Starting with the first line of the material, reproduce exactly each line up to and including the one that contains "from ifc_helpers import", leaving out every picture.

[[ DATASET RECORDS, beginning ]]

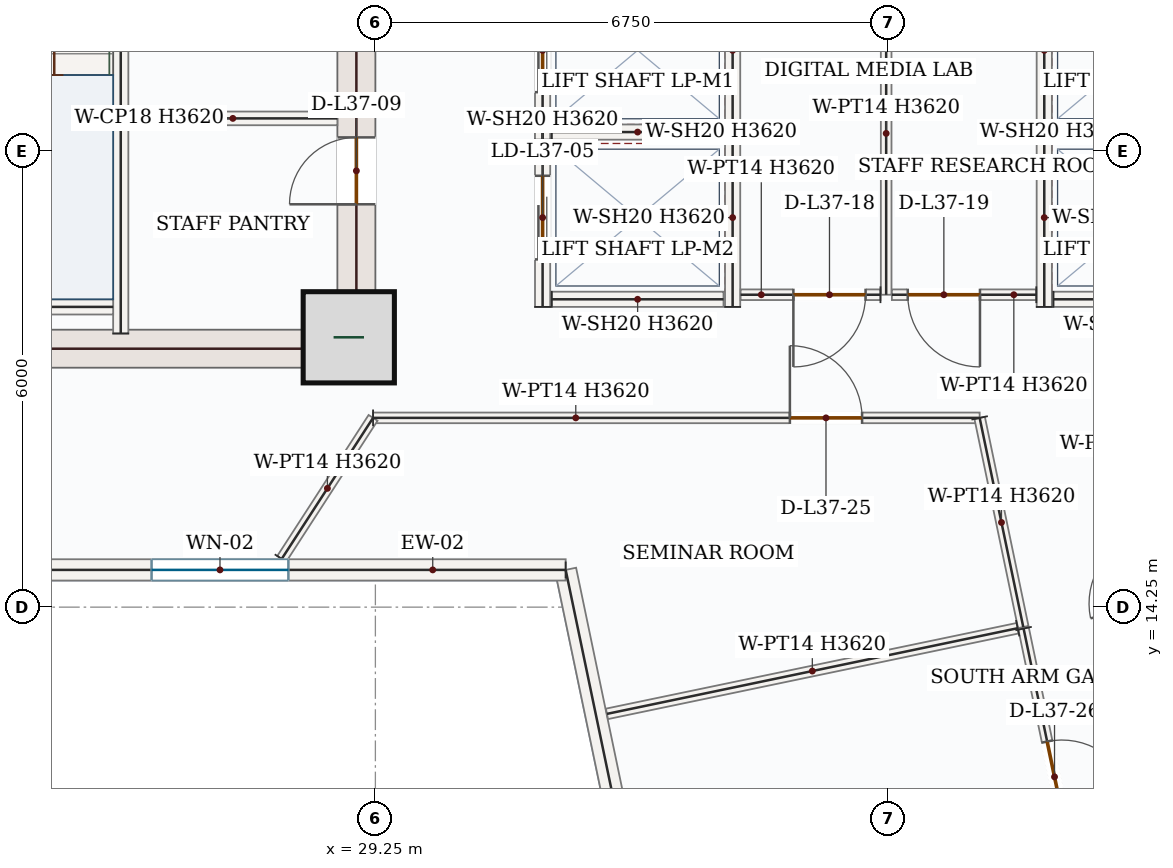
"""IFC4 building model, lengths in metres.
Left out: names, types, materials, properties, quantities, classifications, styles, units other than length and angle.
Written with IfcOpenShell. Run it as: python <this file> out.ifc"""

import sys

from ifc_helpers import new_model, si_unit, direction, frame, frame_2d, origin, origin_2d, place, context, subcontext, project, spatial, rectangle, extrude, source, transform, mapped, element, fill, save


model = new_model("IFC4")
c1 = context("Model", 3, precision=1e-05, world=origin(), true_north=direction((0.0, 1.0)))
c2 = subcontext(c1, "Body", "Model", "MODEL_VIEW")
j1 = project(units=[si_unit("LENGTHUNIT", "METRE"), si_unit("PLANEANGLEUNIT", "RADIAN")], contexts=[c1])
p1 = place(None, origin())
s1 = spatial("IfcSite", under=j1, at=p1, CompositionType="ELEMENT")
p2 = place(p1, origin())
s2 = spatial("IfcBuilding", under=s1, at=p2, CompositionType="ELEMENT")
p3 = place(p2, frame((0.0, 0.0, 162.9)))
s3 = spatial("IfcBuildingStorey", under=s2, at=p3, CompositionType="ELEMENT", Elevation=162.9)
p4 = place(p3, frame((29.0, 17.4, 0.0), z_axis=(0.0, 0.0, 1.0), x_axis=(0.0, 1.0, 0.0)))
e1 = element("IfcWall", 1, at=p4, inside=s3, PredefinedType="SHEAR", context=c2, shape_type="SweptSolid", body=[
    extrude(rectangle(XDim=8.55, YDim=0.5, at=frame_2d((4.275, 0.0))), origin(), (0.0, 0.0, 1.0), 3.62),
])
p5 = place(p4, frame((6.65, 0.0, 0.0)))
e2 = element("IfcOpeningElement", 2, at=p5, cuts=e1, PredefinedType="OPENING", context=c2, shape_type="SweptSolid", body=[
    extrude(rectangle(XDim=1.1, YDim=2.2, at=frame_2d((0.55, 1.1))), frame((0.0, 0.26, 0.0), z_axis=(0.0, -1.0, 0.0), x_axis=(1.0, 0.0, 0.0)), (0.0, 0.0, 1.0), 0.52),
])
p6 = place(p4, frame((2.15, 0.0, 0.0)))
e3 = element("IfcOpeningElement", 3, at=p6, cuts=e1, PredefinedType="OPENING", context=c2, shape_type="SweptSolid", body=[
    extrude(rectangle(XDim=0.88, YDim=2.1, at=frame_2d((0.44, 1.05))), frame((0.0, 0.26, 0.0), z_axis=(0.0, -1.0, 0.0), x_axis=(1.0, 0.0, 0.0)), (0.0, 0.0, 1.0), 0.52),
])
p7 = place(p4, frame((4.25, 0.0, 0.0)))
e4 = element("IfcOpeningElement", 4, at=p7, cuts=e1, PredefinedType="OPENING", context=c2, shape_type="SweptSolid", body=[
    extrude(rectangle(XDim=0.88, YDim=2.1, at=frame_2d((0.44, 1.05))), frame((0.0, 0.26, 0.0), z_axis=(0.0, -1.0, 0.0), x_axis=(1.0, 0.0, 0.0)), (0.0, 0.0, 1.0), 0.52),
])
m1 = source(origin(), c2, "Body", "SweptSolid", [
    extrude(rectangle(XDim=7.0, YDim=0.5, at=frame_2d((3.5, 0.0))), origin(), (0.0, 0.0, 1.0), 3.62),
])
p8 = place(p3, frame((21.75, 17.65, 0.0), z_axis=(0.0, 0.0, 1.0), x_axis=(1.0, 0.0, 0.0)))
e5 = element("IfcWall", 5, at=p8, inside=s3, PredefinedType="SHEAR", context=c2, shape_type="MappedRepresentation", body=[
    mapped(m1, transform((0.0, 0.0, 0.0), x_axis=(1.0, 0.0, 0.0), y_axis=(0.0, 1.0, 0.0), z_axis=(0.0, 0.0, 1.0), scale=1.0)),
])
m2 = source(origin(), c2, "Body", "SweptSolid", [
    extrude(rectangle(XDim=1.2, YDim=1.2, at=origin_2d()), origin(), (0.0, 0.0, 1.0), 3.9),
])
p9 = place(p3, frame((28.9, 17.8, 0.0), z_axis=(0.0, 0.0, 1.0), x_axis=(1.0, 0.0, 0.0)))
e6 = element("IfcColumn", 6, at=p9, inside=s3, PredefinedType="COLUMN", context=c2, shape_type="MappedRepresentation", body=[
    mapped(m2, transform((0.0, 0.0, 0.0), x_axis=(1.0, 0.0, 0.0), y_axis=(0.0, 1.0, 0.0), z_axis=(0.0, 0.0, 1.0), scale=1.0)),
])
p10 = place(p3, frame((33.433, 6.688, 0.0), z_axis=(0.0, 0.0, 1.0), x_axis=(-0.204152195211, 0.978939161128, 0.0)))
e7 = element("IfcWall", 7, at=p10, inside=s3, PredefinedType="SOLIDWALL", context=c2, shape_type="SweptSolid", body=[
    extrude(rectangle(XDim=8.225, YDim=0.28, at=frame_2d((4.113, 0.0))), origin(), (0.0, 0.0, 1.0), 3.62),
])
p11 = place(p10, frame((3.213, 0.0, 0.85)))
e8 = element("IfcOpeningElement", 8, at=p11, cuts=e7, PredefinedType="OPENING", context=c2, shape_type="SweptSolid", body=[
    extrude(rectangle(XDim=1.8, YDim=1.75, at=frame_2d((0.9, 0.875))), frame((0.0, 0.15, 0.0), z_axis=(0.0, -1.0, 0.0), x_axis=(1.0, 0.0, 0.0)), (0.0, 0.0, 1.0), 0.3),
])
p12 = place(p3, frame((31.753, 14.74, 0.0), z_axis=(0.0, 0.0, 1.0), x_axis=(-1.0, 0.0, 0.0)))
e9 = element("IfcWall", 9, at=p12, inside=s3, PredefinedType="SOLIDWALL", context=c2, shape_type="SweptSolid", body=[
    extrude(rectangle(XDim=9.095, YDim=0.28, at=frame_2d((4.548, 0.0))), origin(), (0.0, 0.0, 1.0), 3.62),
])
p13 = place(p12, frame((3.648, 0.0, 0.85)))
e10 = element("IfcOpeningElement", 10, at=p13, cuts=e9, PredefinedType="OPENING", context=c2, shape_type="SweptSolid", body=[
    extrude(rectangle(XDim=1.8, YDim=1.75, at=frame_2d((0.9, 0.875))), frame((0.0, 0.15, 0.0), z_axis=(0.0, -1.0, 0.0), x_axis=(1.0, 0.0, 0.0)), (0.0, 0.0, 1.0), 0.3),
])
p14 = place(p3, frame((25.9, 17.85, 0.0), z_axis=(0.0, 0.0, 1.0), x_axis=(0.0, 1.0, 0.0)))
e11 = element("IfcWall", 11, at=p14, inside=s3, PredefinedType="SOLIDWALL", context=c2, shape_type="SweptSolid", body=[
    extrude(rectangle(XDim=8.0, YDim=0.2, at=frame_2d((4.0, 0.0))), origin(), (0.0, 0.0, 1.0), 3.62),
])
p15 = place(p14, frame((6.3, 0.0, 0.0)))
e12 = element("IfcOpeningElement", 12, at=p15, cuts=e11, PredefinedType="OPENING", context=c2, shape_type="SweptSolid", body=[
    extrude(rectangle(XDim=1.05, YDim=2.15, at=frame_2d((0.525, 1.075))), frame((0.0, 0.11, 0.0), z_axis=(0.0, -1.0, 0.0), x_axis=(1.0, 0.0, 0.0)), (0.0, 0.0, 1.0), 0.22),
])
m3 = source(origin(), c2, "Body", "SweptSolid", [
    extrude(rectangle(XDim=3.25, YDim=0.2, at=frame_2d((1.625, 0.0))), origin(), (0.0, 0.0, 1.0), 3.62),
])
p16 = place(p3, frame((22.55, 18.2, 0.0), z_axis=(0.0, 0.0, 1.0), x_axis=(1.0, 0.0, 0.0)))
e13 = element("IfcWall", 13, at=p16, inside=s3, PredefinedType="SOLIDWALL", context=c2, shape_type="MappedRepresentation", body=[
    mapped(m3, transform((0.0, 0.0, 0.0), x_axis=(1.0, 0.0, 0.0), y_axis=(0.0, 1.0, 0.0), z_axis=(0.0, 0.0, 1.0), scale=1.0)),
])
m4 = source(origin(), c2, "Body", "SweptSolid", [
    extrude(rectangle(XDim=2.75, YDim=0.18, at=frame_2d((1.375, 0.0))), origin(), (0.0, 0.0, 1.0), 3.62),
])
p17 = place(p3, frame((26.0, 20.68, 0.0), z_axis=(0.0, 0.0, 1.0), x_axis=(1.0, 0.0, 0.0)))
e14 = element("IfcWall", 14, at=p17, inside=s3, PredefinedType="PARTITIONING", context=c2, shape_type="MappedRepresentation", body=[
    mapped(m4, transform((0.0, 0.0, 0.0), x_axis=(1.0, 0.0, 0.0), y_axis=(0.0, 1.0, 0.0), z_axis=(0.0, 0.0, 1.0), scale=1.0)),
])
p18 = place(p3, frame((31.45, 20.4, 0.0), z_axis=(0.0, 0.0, 1.0), x_axis=(0.0, 1.0, 0.0)))
e15 = element("IfcWall", 15, at=p18, inside=s3, PredefinedType="SOLIDWALL", context=c2, shape_type="SweptSolid", body=[
    extrude(rectangle(XDim=2.35, YDim=0.2, at=frame_2d((1.175, 0.0))), origin(), (0.0, 0.0, 1.0), 3.62),
])
p19 = place(p18, frame((0.625, 0.0, 0.0)))
e16 = element("IfcOpeningElement", 16, at=p19, cuts=e15, PredefinedType="OPENING", context=c2, shape_type="SweptSolid", body=[
    extrude(rectangle(XDim=1.1, YDim=2.15, at=frame_2d((0.55, 1.075))), frame((0.0, 0.11, 0.0), z_axis=(0.0, -1.0, 0.0), x_axis=(1.0, 0.0, 0.0)), (0.0, 0.0, 1.0), 0.22),
])
m5 = source(origin(), c2, "Body", "SweptSolid", [
    extrude(rectangle(XDim=2.35, YDim=0.2, at=frame_2d((1.175, 0.0))), origin(), (0.0, 0.0, 1.0), 3.62),
])
p20 = place(p3, frame((33.95, 20.4, 0.0), z_axis=(0.0, 0.0, 1.0), x_axis=(0.0, 1.0, 0.0)))
e17 = element("IfcWall", 17, at=p20, inside=s3, PredefinedType="SOLIDWALL", context=c2, shape_type="MappedRepresentation", body=[
    mapped(m5, transform((0.0, 0.0, 0.0), x_axis=(1.0, 0.0, 0.0), y_axis=(0.0, 1.0, 0.0), z_axis=(0.0, 0.0, 1.0), scale=1.0)),
])
m6 = source(origin(), c2, "Body", "SweptSolid", [
    extrude(rectangle(XDim=2.26, YDim=0.2, at=frame_2d((1.13, 0.0))), origin(), (0.0, 0.0, 1.0), 3.62),
])
p21 = place(p3, frame((31.57, 20.5, 0.0), z_axis=(0.0, 0.0, 1.0), x_axis=(1.0, 0.0, 0.0)))
e18 = element("IfcWall", 18, at=p21, inside=s3, PredefinedType="SOLIDWALL", context=c2, shape_type="MappedRepresentation", body=[
    mapped(m6, transform((0.0, 0.0, 0.0), x_axis=(1.0, 0.0, 0.0), y_axis=(0.0, 1.0, 0.0), z_axis=(0.0, 0.0, 1.0), scale=1.0)),
])
p22 = place(p3, frame((31.45, 18.2, 0.0), z_axis=(0.0, 0.0, 1.0), x_axis=(0.0, 1.0, 0.0)))
e19 = element("IfcWall", 19, at=p22, inside=s3, PredefinedType="SOLIDWALL", context=c2, shape_type="SweptSolid", body=[
    extrude(rectangle(XDim=2.35, YDim=0.2, at=frame_2d((1.175, 0.0))), origin(), (0.0, 0.0, 1.0), 3.62),
])
p23 = place(p22, frame((0.625, 0.0, 0.0)))
e20 = element("IfcOpeningElement", 20, at=p23, cuts=e19, PredefinedType="OPENING", context=c2, shape_type="SweptSolid", body=[
    extrude(rectangle(XDim=1.1, YDim=2.15, at=frame_2d((0.55, 1.075))), frame((0.0, 0.11, 0.0), z_axis=(0.0, -1.0, 0.0), x_axis=(1.0, 0.0, 0.0)), (0.0, 0.0, 1.0), 0.22),
])
p24 = place(p3, frame((33.95, 18.2, 0.0), z_axis=(0.0, 0.0, 1.0), x_axis=(0.0, 1.0, 0.0)))
e21 = element("IfcWall", 21, at=p24, inside=s3, PredefinedType="SOLIDWALL", context=c2, shape_type="MappedRepresentation", body=[
    mapped(m5, transform((0.0, 0.0, 0.0), x_axis=(1.0, 0.0, 0.0), y_axis=(0.0, 1.0, 0.0), z_axis=(0.0, 0.0, 1.0), scale=1.0)),
])
p25 = place(p3, frame((31.57, 18.3, 0.0), z_axis=(0.0, 0.0, 1.0), x_axis=(1.0, 0.0, 0.0)))
e22 = element("IfcWall", 22, at=p25, inside=s3, PredefinedType="SOLIDWALL", context=c2, shape_type="MappedRepresentation", body=[
    mapped(m6, transform((0.0, 0.0, 0.0), x_axis=(1.0, 0.0, 0.0), y_axis=(0.0, 1.0, 0.0), z_axis=(0.0, 0.0, 1.0), scale=1.0)),
])
p26 = place(p3, frame((38.05, 20.4, 0.0), z_axis=(0.0, 0.0, 1.0), x_axis=(0.0, 1.0, 0.0)))
e23 = element("IfcWall", 23, at=p26, inside=s3, PredefinedType="SOLIDWALL", context=c2, shape_type="MappedRepresentation", body=[
    mapped(m5, transform((0.0, 0.0, 0.0), x_axis=(1.0, 0.0, 0.0), y_axis=(0.0, 1.0, 0.0), z_axis=(0.0, 0.0, 1.0), scale=1.0)),
])
p27 = place(p3, frame((38.17, 20.5, 0.0), z_axis=(0.0, 0.0, 1.0), x_axis=(1.0, 0.0, 0.0)))
e24 = element("IfcWall", 24, at=p27, inside=s3, PredefinedType="SOLIDWALL", context=c2, shape_type="MappedRepresentation", body=[
    mapped(m6, transform((0.0, 0.0, 0.0), x_axis=(1.0, 0.0, 0.0), y_axis=(0.0, 1.0, 0.0), z_axis=(0.0, 0.0, 1.0), scale=1.0)),
])
p28 = place(p3, frame((38.05, 18.2, 0.0), z_axis=(0.0, 0.0, 1.0), x_axis=(0.0, 1.0, 0.0)))
e25 = element("IfcWall", 25, at=p28, inside=s3, PredefinedType="SOLIDWALL", context=c2, shape_type="MappedRepresentation", body=[
    mapped(m5, transform((0.0, 0.0, 0.0), x_axis=(1.0, 0.0, 0.0), y_axis=(0.0, 1.0, 0.0), z_axis=(0.0, 0.0, 1.0), scale=1.0)),
])
p29 = place(p3, frame((38.17, 18.3, 0.0), z_axis=(0.0, 0.0, 1.0), x_axis=(1.0, 0.0, 0.0)))
e26 = element("IfcWall", 26, at=p29, inside=s3, PredefinedType="SOLIDWALL", context=c2, shape_type="MappedRepresentation", body=[
    mapped(m6, transform((0.0, 0.0, 0.0), x_axis=(1.0, 0.0, 0.0), y_axis=(0.0, 1.0, 0.0), z_axis=(0.0, 0.0, 1.0), scale=1.0)),
])
m7 = source(origin(), c2, "Body", "SweptSolid", [
    extrude(rectangle(XDim=4.245, YDim=0.14, at=frame_2d((2.123, 0.0))), origin(), (0.0, 0.0, 1.0), 3.62),
])
p30 = place(p3, frame((35.97, 22.605, 0.0), z_axis=(0.0, 0.0, 1.0), x_axis=(0.0, -1.0, 0.0)))
e27 = element("IfcWall", 27, at=p30, inside=s3, PredefinedType="PARTITIONING", context=c2, shape_type="MappedRepresentation", body=[
    mapped(m7, transform((0.0, 0.0, 0.0), x_axis=(1.0, 0.0, 0.0), y_axis=(0.0, 1.0, 0.0), z_axis=(0.0, 0.0, 1.0), scale=1.0)),
])
p31 = place(p3, frame((35.895, 18.36, 0.0), z_axis=(0.0, 0.0, 1.0), x_axis=(-1.0, 0.0, 0.0)))
e28 = element("IfcWall", 28, at=p31, inside=s3, PredefinedType="PARTITIONING", context=c2, shape_type="SweptSolid", body=[
    extrude(rectangle(XDim=1.84, YDim=0.14, at=frame_2d((0.92, 0.0))), origin(), (0.0, 0.0, 1.0), 3.62),
])
p32 = place(p31, frame((0.196, 0.0, 0.0)))
e29 = element("IfcOpeningElement", 29, at=p32, cuts=e28, PredefinedType="OPENING", context=c2, shape_type="SweptSolid", body=[
    extrude(rectangle(XDim=0.95, YDim=2.15, at=frame_2d((0.475, 1.075))), frame((0.0, 0.08, 0.0), z_axis=(0.0, -1.0, 0.0), x_axis=(1.0, 0.0, 0.0)), (0.0, 0.0, 1.0), 0.16),
])
p33 = place(p3, frame((37.945, 18.36, 0.0), z_axis=(0.0, 0.0, 1.0), x_axis=(-1.0, 0.0, 0.0)))
e30 = element("IfcWall", 30, at=p33, inside=s3, PredefinedType="PARTITIONING", context=c2, shape_type="SweptSolid", body=[
    extrude(rectangle(XDim=1.9, YDim=0.14, at=frame_2d((0.95, 0.0))), origin(), (0.0, 0.0, 1.0), 3.62),
])
p34 = place(p33, frame((0.741, 0.0, 0.0)))
e31 = element("IfcOpeningElement", 31, at=p34, cuts=e30, PredefinedType="OPENING", context=c2, shape_type="SweptSolid", body=[
    extrude(rectangle(XDim=0.95, YDim=2.15, at=frame_2d((0.475, 1.075))), frame((0.0, 0.08, 0.0), z_axis=(0.0, -1.0, 0.0), x_axis=(1.0, 0.0, 0.0)), (0.0, 0.0, 1.0), 0.16),
])
p35 = place(p3, frame((29.219, 16.74, 0.0), z_axis=(0.0, 0.0, 1.0), x_axis=(1.0, 0.0, 0.0)))
e32 = element("IfcWall", 32, at=p35, inside=s3, PredefinedType="PARTITIONING", context=c2, shape_type="SweptSolid", body=[
    extrude(rectangle(XDim=7.98, YDim=0.14, at=frame_2d((3.99, 0.0))), origin(), (0.0, 0.0, 1.0), 3.62),
])
p36 = place(p35, frame((5.484, 0.0, 0.0)))
e33 = element("IfcOpeningElement", 33, at=p36, cuts=e32, PredefinedType="OPENING", context=c2, shape_type="SweptSolid", body=[
    extrude(rectangle(XDim=0.95, YDim=2.15, at=frame_2d((0.475, 1.075))), frame((0.0, 0.08, 0.0), z_axis=(0.0, -1.0, 0.0), x_axis=(1.0, 0.0, 0.0)), (0.0, 0.0, 1.0), 0.16),
])
m8 = source(origin(), c2, "Body", "SweptSolid", [
    extrude(rectangle(XDim=2.811, YDim=0.14, at=frame_2d((1.406, 0.0))), origin(), (0.0, 0.0, 1.0), 3.62),
])
p37 = place(p3, frame((37.2, 16.74, 0.0), z_axis=(0.0, 0.0, 1.0), x_axis=(0.204092977776, -0.978951508719, 0.0)))
e34 = element("IfcWall", 34, at=p37, inside=s3, PredefinedType="PARTITIONING", context=c2, shape_type="MappedRepresentation", body=[
    mapped(m8, transform((0.0, 0.0, 0.0), x_axis=(1.0, 0.0, 0.0), y_axis=(0.0, 1.0, 0.0), z_axis=(0.0, 0.0, 1.0), scale=1.0)),
])
m9 = source(origin(), c2, "Body", "SweptSolid", [
    extrude(rectangle(XDim=5.52, YDim=0.14, at=frame_2d((2.76, 0.0))), origin(), (0.0, 0.0, 1.0), 3.62),
])
p38 = place(p3, frame((37.7, 13.973, 0.0), z_axis=(0.0, 0.0, 1.0), x_axis=(-0.978929612498, -0.204197976909, 0.0)))
e35 = element("IfcWall", 35, at=p38, inside=s3, PredefinedType="PARTITIONING", context=c2, shape_type="MappedRepresentation", body=[
    mapped(m9, transform((0.0, 0.0, 0.0), x_axis=(1.0, 0.0, 0.0), y_axis=(0.0, 1.0, 0.0), z_axis=(0.0, 0.0, 1.0), scale=1.0)),
])
m10 = source(origin(), c2, "Body", "SweptSolid", [
    extrude(rectangle(XDim=2.21, YDim=0.14, at=frame_2d((1.105, 0.0))), origin(), (0.0, 0.0, 1.0), 3.62),
])
p39 = place(p3, frame((28.018, 14.885, 0.0), z_axis=(0.0, 0.0, 1.0), x_axis=(0.543613077793, 0.83933594088, 0.0)))
e36 = element("IfcWall", 36, at=p39, inside=s3, PredefinedType="PARTITIONING", context=c2, shape_type="MappedRepresentation", body=[
    mapped(m10, transform((0.0, 0.0, 0.0), x_axis=(1.0, 0.0, 0.0), y_axis=(0.0, 1.0, 0.0), z_axis=(0.0, 0.0, 1.0), scale=1.0)),
])
p40 = place(p3, frame((37.778, 13.969, 0.0), z_axis=(0.0, 0.0, 1.0), x_axis=(0.204175249208, -0.978934353065, 0.0)))
e37 = element("IfcWall", 37, at=p40, inside=s3, PredefinedType="PARTITIONING", context=c2, shape_type="SweptSolid", body=[
    extrude(rectangle(XDim=7.853, YDim=0.14, at=frame_2d((3.926, 0.0))), origin(), (0.0, 0.0, 1.0), 3.62),
])
p41 = place(p40, frame((1.519, 0.0, 0.0)))
e38 = element("IfcOpeningElement", 38, at=p41, cuts=e37, PredefinedType="OPENING", context=c2, shape_type="SweptSolid", body=[
    extrude(rectangle(XDim=0.95, YDim=2.15, at=frame_2d((0.475, 1.075))), frame((0.0, 0.08, 0.0), z_axis=(0.0, -1.0, 0.0), x_axis=(1.0, 0.0, 0.0)), (0.0, 0.0, 1.0), 0.16),
])
m11 = source(origin(), c2, "Body", "SweptSolid", [
    extrude(rectangle(XDim=1.8, YDim=1.75, at=frame_2d((0.9, 0.875))), frame((0.0, 0.03, 0.0), z_axis=(0.0, -1.0, 0.0), x_axis=(1.0, 0.0, 0.0)), (0.0, 0.0, 1.0), 0.06),
])
p42 = place(p13, origin())
e39 = element("IfcWindow", 39, at=p42, inside=s3, PartitioningType="DOUBLE_PANEL_VERTICAL", PredefinedType="WINDOW", context=c2, shape_type="MappedRepresentation", body=[
    mapped(m11, transform((0.0, 0.0, 0.0), x_axis=(1.0, 0.0, 0.0), y_axis=(0.0, 1.0, 0.0), z_axis=(0.0, 0.0, 1.0), scale=1.0)),
])
fill(e10, e39)
m12 = source(origin(), c2, "Body", "SweptSolid", [
    extrude(rectangle(XDim=0.88, YDim=2.1, at=frame_2d((0.44, 1.05))), frame((0.0, 0.025, 0.0), z_axis=(0.0, -1.0, 0.0), x_axis=(1.0, 0.0, 0.0)), (0.0, 0.0, 1.0), 0.05),
])
p43 = place(p6, origin())
e40 = element("IfcDoor", 40, at=p43, inside=s3, OperationType="SINGLE_SWING_LEFT", PredefinedType="DOOR", context=c2, shape_type="MappedRepresentation", body=[
    mapped(m12, transform((0.0, 0.0, 0.0), x_axis=(1.0, 0.0, 0.0), y_axis=(0.0, 1.0, 0.0), z_axis=(0.0, 0.0, 1.0), scale=1.0)),
])
fill(e3, e40)
m13 = source(origin(), c2, "Body", "SweptSolid", [
    extrude(rectangle(XDim=1.1, YDim=2.15, at=frame_2d((0.55, 1.075))), frame((0.0, 0.025, 0.0), z_axis=(0.0, -1.0, 0.0), x_axis=(1.0, 0.0, 0.0)), (0.0, 0.0, 1.0), 0.05),
])
p44 = place(p19, origin())
e41 = element("IfcDoor", 41, at=p44, inside=s3, OperationType="DOUBLE_DOOR_SLIDING", PredefinedType="DOOR", context=c2, shape_type="MappedRepresentation", body=[
    mapped(m13, transform((0.0, 0.0, 0.0), x_axis=(1.0, 0.0, 0.0), y_axis=(0.0, 1.0, 0.0), z_axis=(0.0, 0.0, 1.0), scale=1.0)),
])
fill(e16, e41)
p45 = place(p23, origin())
e42 = element("IfcDoor", 42, at=p45, inside=s3, OperationType="DOUBLE_DOOR_SLIDING", PredefinedType="DOOR", context=c2, shape_type="MappedRepresentation", body=[
    mapped(m13, transform((0.0, 0.0, 0.0), x_axis=(1.0, 0.0, 0.0), y_axis=(0.0, 1.0, 0.0), z_axis=(0.0, 0.0, 1.0), scale=1.0)),
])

[[ DATASET RECORDS, end ]]

**EXERCISE RESPONSE**
"""IFC4 building model, lengths in metres.
Left out: names, types, materials, properties, quantities, classifications, styles, units other than length and angle.
Written with IfcOpenShell. Run it as: python <this file> out.ifc"""

import sys

from ifc_helpers import new_model, si_unit, direction, frame, frame_2d, origin, origin_2d, place, context, subcontext, project, spatial, rectangle, extrude, source, transform, mapped, element, fill, save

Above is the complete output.